───── Records shown

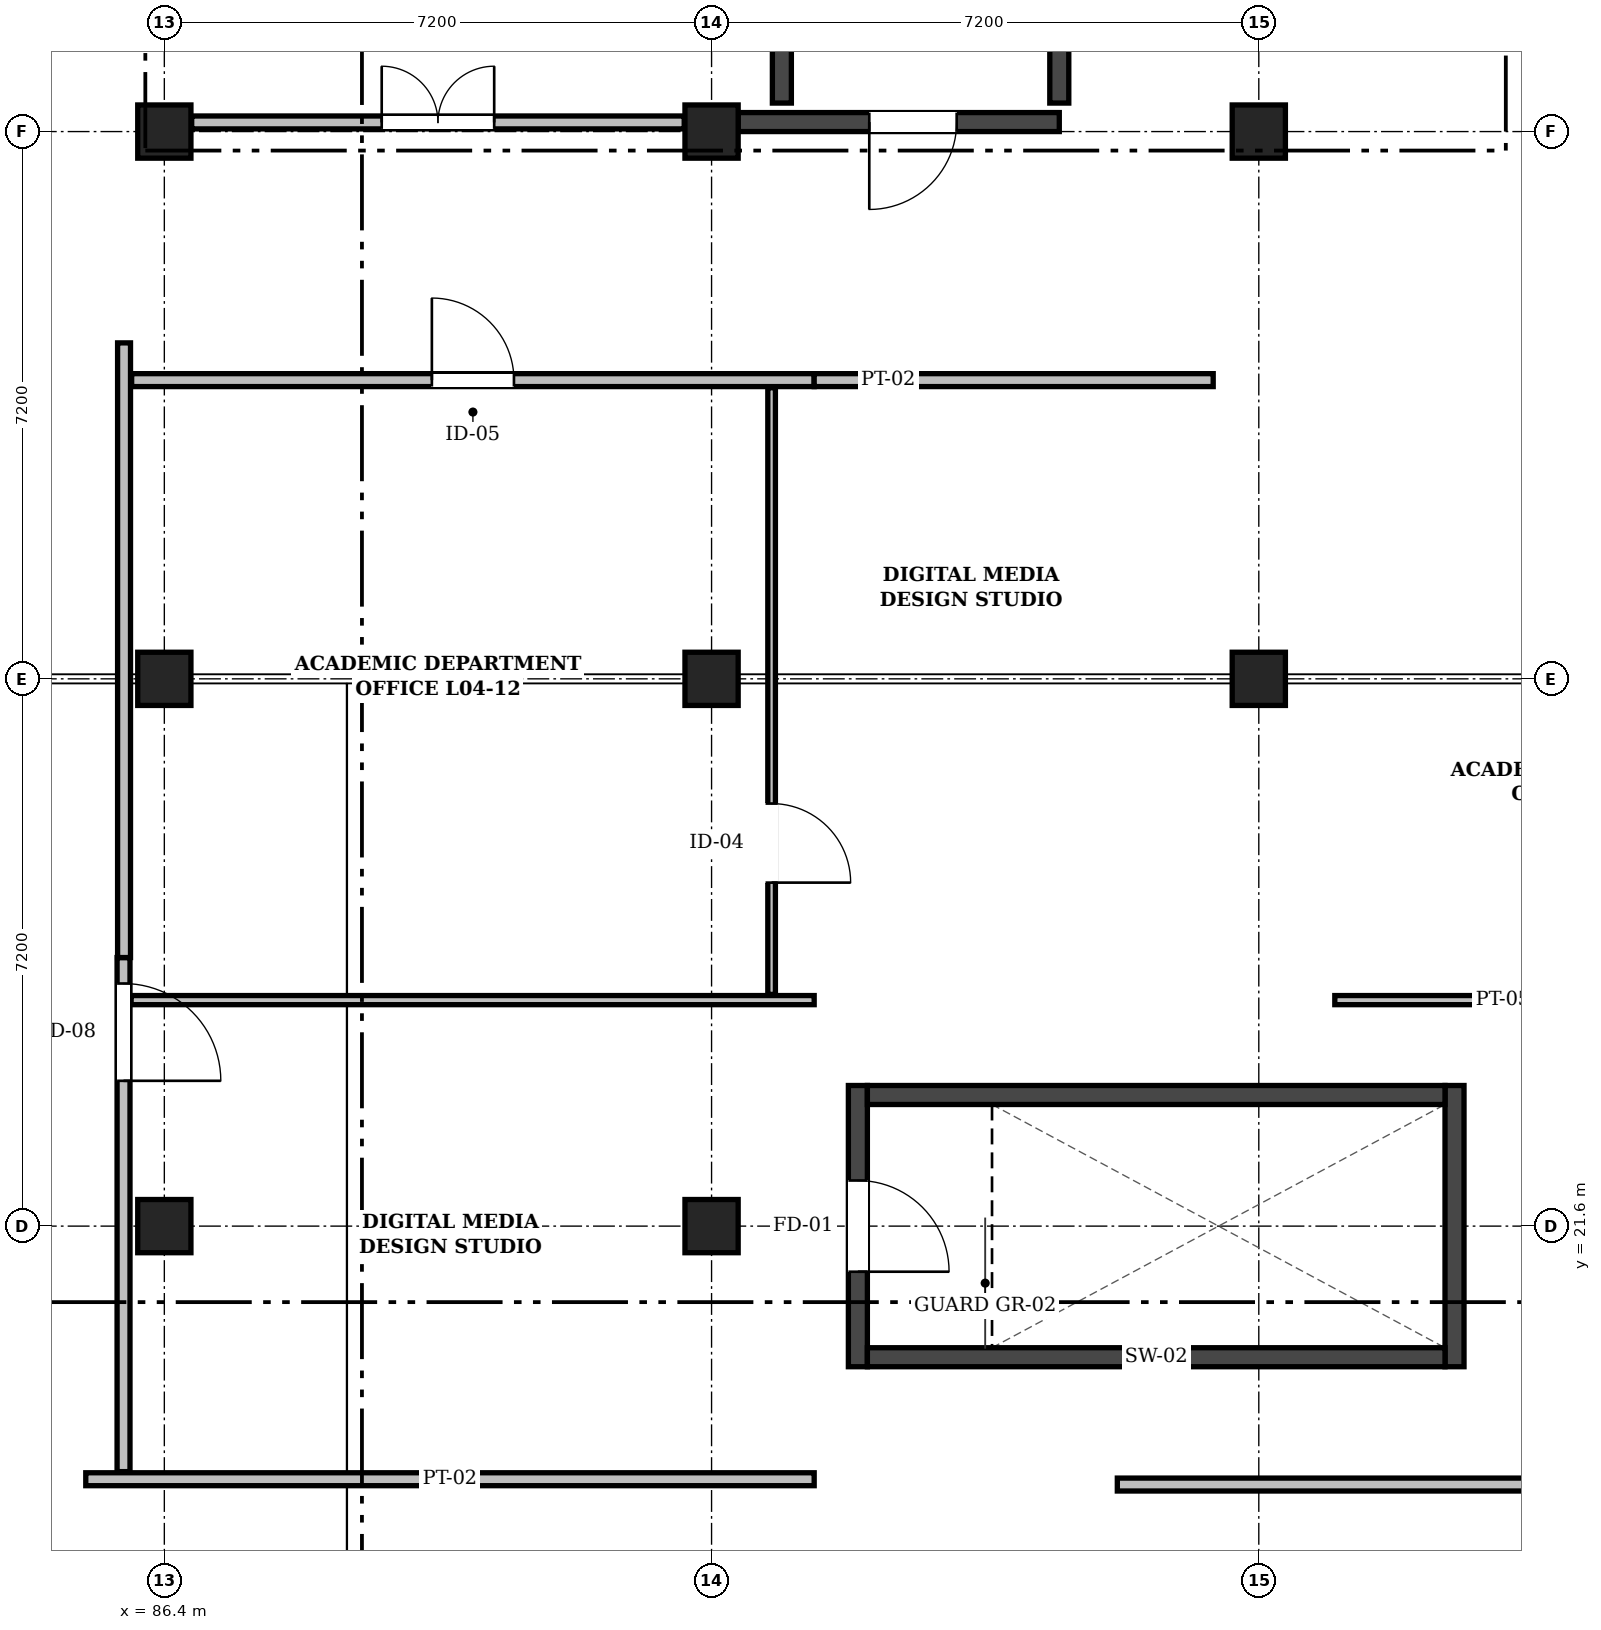
"""IFC4 building model, lengths in metres.
Left out: names, types, materials, properties, quantities, classifications, styles, units other than length and angle.
Written with IfcOpenShell. Run it as: python <this file> out.ifc"""

import sys

from ifc_helpers import new_model, si_unit, direction, frame, frame_2d, origin, origin_2d, place, context, subcontext, project, spatial, rectangle, extrude, element, fill, save


model = new_model("IFC4")
c1 = context("Model", 3, precision=1e-05, world=origin(), true_north=direction((0.0, 1.0)))
c2 = subcontext(c1, "Body", "Model", "MODEL_VIEW")
j1 = project(units=[si_unit("LENGTHUNIT", "METRE"), si_unit("PLANEANGLEUNIT", "RADIAN")], contexts=[c1])
p1 = place(None, origin())
s1 = spatial("IfcSite", under=j1, at=p1, CompositionType="ELEMENT")
p2 = place(p1, origin())
s2 = spatial("IfcBuilding", under=s1, at=p2, CompositionType="ELEMENT")
p3 = place(p2, frame((0.0, 0.0, 18.9)))
s3 = spatial("IfcBuildingStorey", under=s2, at=p3, CompositionType="ELEMENT", Elevation=18.9)
for number, where, z_axis, x_axis in (
    (1, (86.4, 21.6, 0.0), (0.0, 0.0, 1.0), (1.0, 0.0, 0.0)),
    (2, (86.4, 28.8, 0.0), (0.0, 0.0, 1.0), (1.0, 0.0, 0.0)),
    (3, (86.4, 36.0, 0.0), (0.0, 0.0, 1.0), (1.0, 0.0, 0.0)),
    (4, (93.6, 21.6, 0.0), (0.0, 0.0, 1.0), (1.0, 0.0, 0.0)),
    (5, (93.6, 28.8, 0.0), (0.0, 0.0, 1.0), (1.0, 0.0, 0.0)),
    (6, (93.6, 36.0, 0.0), (0.0, 0.0, 1.0), (1.0, 0.0, 0.0)),
    (7, (100.8, 28.8, 0.0), (0.0, 0.0, 1.0), (1.0, 0.0, 0.0)),
    (8, (100.8, 36.0, 0.0), (0.0, 0.0, 1.0), (1.0, 0.0, 0.0)),
):
    element("IfcColumn", number, at=place(p3, frame(where, z_axis=z_axis, x_axis=x_axis)), inside=s3, PredefinedType="COLUMN", context=c2, shape_type="SweptSolid", body=[
        extrude(rectangle(XDim=0.7, YDim=0.7, at=origin_2d()), origin(), (0.0, 0.0, 1.0), 4.5),
    ])
p4 = place(p3, frame((95.525, 19.75, 0.0), z_axis=(0.0, 0.0, 1.0), x_axis=(0.0, 1.0, 0.0)))
e9 = element("IfcWall", 9, at=p4, inside=s3, PredefinedType="SHEAR", context=c2, shape_type="SweptSolid", body=[
    extrude(rectangle(XDim=3.7, YDim=0.25, at=frame_2d((1.85, 0.0))), origin(), (0.0, 0.0, 1.0), 4.25),
])
p5 = place(p4, frame((1.25, 0.0, 0.0)))
e10 = element("IfcOpeningElement", 10, at=p5, cuts=e9, PredefinedType="OPENING", context=c2, shape_type="SweptSolid", body=[
    extrude(rectangle(XDim=1.2, YDim=2.15, at=frame_2d((0.6, 1.075))), frame((0.0, 0.137, 0.0), z_axis=(0.0, -1.0, 0.0), x_axis=(1.0, 0.0, 0.0)), (0.0, 0.0, 1.0), 0.274),
])
p6 = place(p3, frame((103.375, 19.75, 0.0), z_axis=(0.0, 0.0, 1.0), x_axis=(0.0, 1.0, 0.0)))
e11 = element("IfcWall", 11, at=p6, inside=s3, PredefinedType="SHEAR", context=c2, shape_type="SweptSolid", body=[
    extrude(rectangle(XDim=3.7, YDim=0.25, at=frame_2d((1.85, 0.0))), origin(), (0.0, 0.0, 1.0), 4.25),
])
for number, where, z_axis, x_axis in (
    (12, (95.65, 19.875, 0.0), (0.0, 0.0, 1.0), (1.0, 0.0, 0.0)),
    (13, (95.65, 23.325, 0.0), (0.0, 0.0, 1.0), (1.0, 0.0, 0.0)),
):
    element("IfcWall", number, at=place(p3, frame(where, z_axis=z_axis, x_axis=x_axis)), inside=s3, PredefinedType="SHEAR", context=c2, shape_type="SweptSolid", body=[
        extrude(rectangle(XDim=7.6, YDim=0.25, at=frame_2d((3.8, 0.0))), origin(), (0.0, 0.0, 1.0), 4.25),
    ])
p7 = place(p3, frame((93.95, 36.125, 0.0), z_axis=(0.0, 0.0, 1.0), x_axis=(1.0, 0.0, 0.0)))
e14 = element("IfcWall", 14, at=p7, inside=s3, PredefinedType="SHEAR", context=c2, shape_type="SweptSolid", body=[
    extrude(rectangle(XDim=4.225, YDim=0.25, at=frame_2d((2.113, 0.0))), origin(), (0.0, 0.0, 1.0), 4.25),
])
p8 = place(p7, frame((1.725, 0.0, 0.0)))
e15 = element("IfcOpeningElement", 15, at=p8, cuts=e14, PredefinedType="OPENING", context=c2, shape_type="SweptSolid", body=[
    extrude(rectangle(XDim=1.15, YDim=2.15, at=frame_2d((0.575, 1.075))), frame((0.0, 0.137, 0.0), z_axis=(0.0, -1.0, 0.0), x_axis=(1.0, 0.0, 0.0)), (0.0, 0.0, 1.0), 0.274),
])
p9 = place(p3, frame((94.525, 36.375, 0.0), z_axis=(0.0, 0.0, 1.0), x_axis=(0.0, 1.0, 0.0)))
e16 = element("IfcWall", 16, at=p9, inside=s3, PredefinedType="SHEAR", context=c2, shape_type="SweptSolid", body=[
    extrude(rectangle(XDim=2.77, YDim=0.25, at=frame_2d((1.385, 0.0))), origin(), (0.0, 0.0, 1.0), 4.25),
])
p10 = place(p3, frame((98.175, 36.375, 0.0), z_axis=(0.0, 0.0, 1.0), x_axis=(0.0, 1.0, 0.0)))
e17 = element("IfcWall", 17, at=p10, inside=s3, PredefinedType="SHEAR", context=c2, shape_type="SweptSolid", body=[
    extrude(rectangle(XDim=3.225, YDim=0.25, at=frame_2d((1.613, 0.0))), origin(), (0.0, 0.0, 1.0), 4.25),
])
p11 = place(p3, frame((85.366, 18.27, 0.0), z_axis=(0.0, 0.0, 1.0), x_axis=(1.0, 0.0, 0.0)))
e18 = element("IfcWall", 18, at=p11, inside=s3, PredefinedType="PARTITIONING", context=c2, shape_type="SweptSolid", body=[
    extrude(rectangle(XDim=9.583, YDim=0.17, at=frame_2d((4.792, 0.0))), origin(), (0.0, 0.0, 1.0), 4.16),
])
p12 = place(p3, frame((98.938, 18.2, 0.0), z_axis=(0.0, 0.0, 1.0), x_axis=(1.0, 0.0, 0.0)))
e19 = element("IfcWall", 19, at=p12, inside=s3, PredefinedType="PARTITIONING", context=c2, shape_type="SweptSolid", body=[
    extrude(rectangle(XDim=12.51, YDim=0.17, at=frame_2d((6.255, 0.0))), origin(), (0.0, 0.0, 1.0), 4.16),
])
p13 = place(p3, frame((85.863, 18.37, 0.0), z_axis=(0.0, 0.0, 1.0), x_axis=(0.0, 1.0, 0.0)))
e20 = element("IfcWall", 20, at=p13, inside=s3, PredefinedType="PARTITIONING", context=c2, shape_type="SweptSolid", body=[
    extrude(rectangle(XDim=6.763, YDim=0.17, at=frame_2d((3.382, 0.0))), origin(), (0.0, 0.0, 1.0), 4.16),
])
p14 = place(p13, frame((5.142, 0.0, 0.0)))
e21 = element("IfcOpeningElement", 21, at=p14, cuts=e20, PredefinedType="OPENING", context=c2, shape_type="SweptSolid", body=[
    extrude(rectangle(XDim=1.28, YDim=2.22, at=frame_2d((0.64, 1.11))), frame((0.0, 0.097, 0.0), z_axis=(0.0, -1.0, 0.0), x_axis=(1.0, 0.0, 0.0)), (0.0, 0.0, 1.0), 0.194),
])
p15 = place(p3, frame((85.87, 25.133, 0.0), z_axis=(0.0, 0.0, 1.0), x_axis=(0.0, 1.0, 0.0)))
e22 = element("IfcWall", 22, at=p15, inside=s3, PredefinedType="PARTITIONING", context=c2, shape_type="SweptSolid", body=[
    extrude(rectangle(XDim=8.087, YDim=0.17, at=frame_2d((4.043, 0.0))), origin(), (0.0, 0.0, 1.0), 4.16),
])
p16 = place(p3, frame((86.76, 36.12, 0.0), z_axis=(0.0, 0.0, 1.0), x_axis=(1.0, 0.0, 0.0)))
e23 = element("IfcWall", 23, at=p16, inside=s3, PredefinedType="PARTITIONING", context=c2, shape_type="SweptSolid", body=[
    extrude(rectangle(XDim=6.48, YDim=0.17, at=frame_2d((3.24, 0.0))), origin(), (0.0, 0.0, 1.0), 3.73),
])
p17 = place(p16, frame((2.5, 0.0, 0.0)))
e24 = element("IfcOpeningElement", 24, at=p17, cuts=e23, PredefinedType="OPENING", context=c2, shape_type="SweptSolid", body=[
    extrude(rectangle(XDim=1.48, YDim=2.26, at=frame_2d((0.74, 1.13))), frame((0.0, 0.097, 0.0), z_axis=(0.0, -1.0, 0.0), x_axis=(1.0, 0.0, 0.0)), (0.0, 0.0, 1.0), 0.194),
])
p18 = place(p3, frame((85.97, 32.73, 0.0), z_axis=(0.0, 0.0, 1.0), x_axis=(1.0, 0.0, 0.0)))
e25 = element("IfcWall", 25, at=p18, inside=s3, PredefinedType="PARTITIONING", context=c2, shape_type="SweptSolid", body=[
    extrude(rectangle(XDim=8.98, YDim=0.17, at=frame_2d((4.49, 0.0))), origin(), (0.0, 0.0, 1.0), 4.16),
])
p19 = place(p18, frame((3.95, 0.0, 0.0)))
e26 = element("IfcOpeningElement", 26, at=p19, cuts=e25, PredefinedType="OPENING", context=c2, shape_type="SweptSolid", body=[
    extrude(rectangle(XDim=1.08, YDim=2.2, at=frame_2d((0.54, 1.1))), frame((0.0, 0.097, 0.0), z_axis=(0.0, -1.0, 0.0), x_axis=(1.0, 0.0, 0.0)), (0.0, 0.0, 1.0), 0.194),
])
p20 = place(p3, frame((94.95, 32.73, 0.0), z_axis=(0.0, 0.0, 1.0), x_axis=(1.0, 0.0, 0.0)))
e27 = element("IfcWall", 27, at=p20, inside=s3, PredefinedType="PARTITIONING", context=c2, shape_type="SweptSolid", body=[
    extrude(rectangle(XDim=5.25, YDim=0.17, at=frame_2d((2.625, 0.0))), origin(), (0.0, 0.0, 1.0), 4.16),
])
p21 = place(p3, frame((85.963, 24.573, 0.0), z_axis=(0.0, 0.0, 1.0), x_axis=(1.0, 0.0, 0.0)))
e28 = element("IfcWall", 28, at=p21, inside=s3, PredefinedType="PARTITIONING", context=c2, shape_type="SweptSolid", body=[
    extrude(rectangle(XDim=8.987, YDim=0.12, at=frame_2d((4.493, 0.0))), origin(), (0.0, 0.0, 1.0), 4.16),
])
p22 = place(p3, frame((94.39, 24.648, 0.0), z_axis=(0.0, 0.0, 1.0), x_axis=(0.0, 1.0, 0.0)))
e29 = element("IfcWall", 29, at=p22, inside=s3, PredefinedType="PARTITIONING", context=c2, shape_type="SweptSolid", body=[
    extrude(rectangle(XDim=7.982, YDim=0.1, at=frame_2d((3.991, 0.0))), origin(), (0.0, 0.0, 1.0), 4.16),
])
p23 = place(p22, frame((1.471, 0.0, 0.0)))
e30 = element("IfcOpeningElement", 30, at=p23, cuts=e29, PredefinedType="OPENING", context=c2, shape_type="SweptSolid", body=[
    extrude(rectangle(XDim=1.04, YDim=2.18, at=frame_2d((0.52, 1.09))), frame((0.0, 0.062, 0.0), z_axis=(0.0, -1.0, 0.0), x_axis=(1.0, 0.0, 0.0)), (0.0, 0.0, 1.0), 0.124),
])
p24 = place(p3, frame((101.8, 24.573, 0.0), z_axis=(0.0, 0.0, 1.0), x_axis=(1.0, 0.0, 0.0)))
e31 = element("IfcWall", 31, at=p24, inside=s3, PredefinedType="PARTITIONING", context=c2, shape_type="SweptSolid", body=[
    extrude(rectangle(XDim=9.678, YDim=0.12, at=frame_2d((4.839, 0.0))), origin(), (0.0, 0.0, 1.0), 4.16),
])
p25 = place(p24, frame((5.075, 0.0, 0.0)))
e32 = element("IfcOpeningElement", 32, at=p25, cuts=e31, PredefinedType="OPENING", context=c2, shape_type="SweptSolid", body=[
    extrude(rectangle(XDim=2.16, YDim=2.35, at=frame_2d((1.08, 1.175))), frame((0.0, 0.072, 0.0), z_axis=(0.0, -1.0, 0.0), x_axis=(1.0, 0.0, 0.0)), (0.0, 0.0, 1.0), 0.144),
])
p26 = place(p5, frame((1.2, 0.0, 0.0), z_axis=(0.0, 0.0, 1.0), x_axis=(-1.0, 0.0, 0.0)))
e33 = element("IfcDoor", 33, at=p26, inside=s3, OperationType="SINGLE_SWING_RIGHT", PredefinedType="DOOR", context=c2, shape_type="SweptSolid", body=[
    extrude(rectangle(XDim=1.2, YDim=2.15, at=frame_2d((0.6, 1.075))), frame((0.0, 0.025, 0.0), z_axis=(0.0, -1.0, 0.0), x_axis=(1.0, 0.0, 0.0)), (0.0, 0.0, 1.0), 0.05),
])
fill(e10, e33)
p27 = place(p8, frame((1.15, 0.0, 0.0), z_axis=(0.0, 0.0, 1.0), x_axis=(-1.0, 0.0, 0.0)))
e34 = element("IfcDoor", 34, at=p27, inside=s3, OperationType="SINGLE_SWING_RIGHT", PredefinedType="DOOR", context=c2, shape_type="SweptSolid", body=[
    extrude(rectangle(XDim=1.15, YDim=2.15, at=frame_2d((0.575, 1.075))), frame((0.0, 0.025, 0.0), z_axis=(0.0, -1.0, 0.0), x_axis=(1.0, 0.0, 0.0)), (0.0, 0.0, 1.0), 0.05),
])
fill(e15, e34)
p28 = place(p19, origin())
e35 = element("IfcDoor", 35, at=p28, inside=s3, OperationType="SINGLE_SWING_LEFT", PredefinedType="DOOR", context=c2, shape_type="SweptSolid", body=[
    extrude(rectangle(XDim=1.08, YDim=2.2, at=frame_2d((0.54, 1.1))), frame((0.0, 0.025, 0.0), z_axis=(0.0, -1.0, 0.0), x_axis=(1.0, 0.0, 0.0)), (0.0, 0.0, 1.0), 0.05),
])
fill(e26, e35)
p29 = place(p14, frame((1.28, 0.0, 0.0), z_axis=(0.0, 0.0, 1.0), x_axis=(-1.0, 0.0, 0.0)))
e36 = element("IfcDoor", 36, at=p29, inside=s3, OperationType="SINGLE_SWING_RIGHT", PredefinedType="DOOR", context=c2, shape_type="SweptSolid", body=[
    extrude(rectangle(XDim=1.28, YDim=2.22, at=frame_2d((0.64, 1.11))), frame((0.0, 0.025, 0.0), z_axis=(0.0, -1.0, 0.0), x_axis=(1.0, 0.0, 0.0)), (0.0, 0.0, 1.0), 0.05),
])
fill(e21, e36)
p30 = place(p17, origin())
e37 = element("IfcDoor", 37, at=p30, inside=s3, OperationType="DOUBLE_DOOR_SINGLE_SWING", PredefinedType="DOOR", context=c2, shape_type="SweptSolid", body=[
    extrude(rectangle(XDim=1.48, YDim=2.26, at=frame_2d((0.74, 1.13))), frame((0.0, 0.025, 0.0), z_axis=(0.0, -1.0, 0.0), x_axis=(1.0, 0.0, 0.0)), (0.0, 0.0, 1.0), 0.05),
])
fill(e24, e37)
p31 = place(p23, frame((1.04, 0.0, 0.0), z_axis=(0.0, 0.0, 1.0), x_axis=(-1.0, 0.0, 0.0)))
e38 = element("IfcDoor", 38, at=p31, inside=s3, OperationType="SINGLE_SWING_RIGHT", PredefinedType="DOOR", context=c2, shape_type="SweptSolid", body=[
    extrude(rectangle(XDim=1.04, YDim=2.18, at=frame_2d((0.52, 1.09))), frame((0.0, 0.025, 0.0), z_axis=(0.0, -1.0, 0.0), x_axis=(1.0, 0.0, 0.0)), (0.0, 0.0, 1.0), 0.05),
])
fill(e30, e38)
save(model, sys.argv[1])

──────────

:: Task objective ::
Filter the records, keeping only lines that contain "units", and show those lines.

:: Solved problem ::
Left out: names, types, materials, properties, quantities, classifications, styles, units other than length and angle.
j1 = project(units=[si_unit("LENGTHUNIT", "METRE"), si_unit("PLANEANGLEUNIT", "RADIAN")], contexts=[c1])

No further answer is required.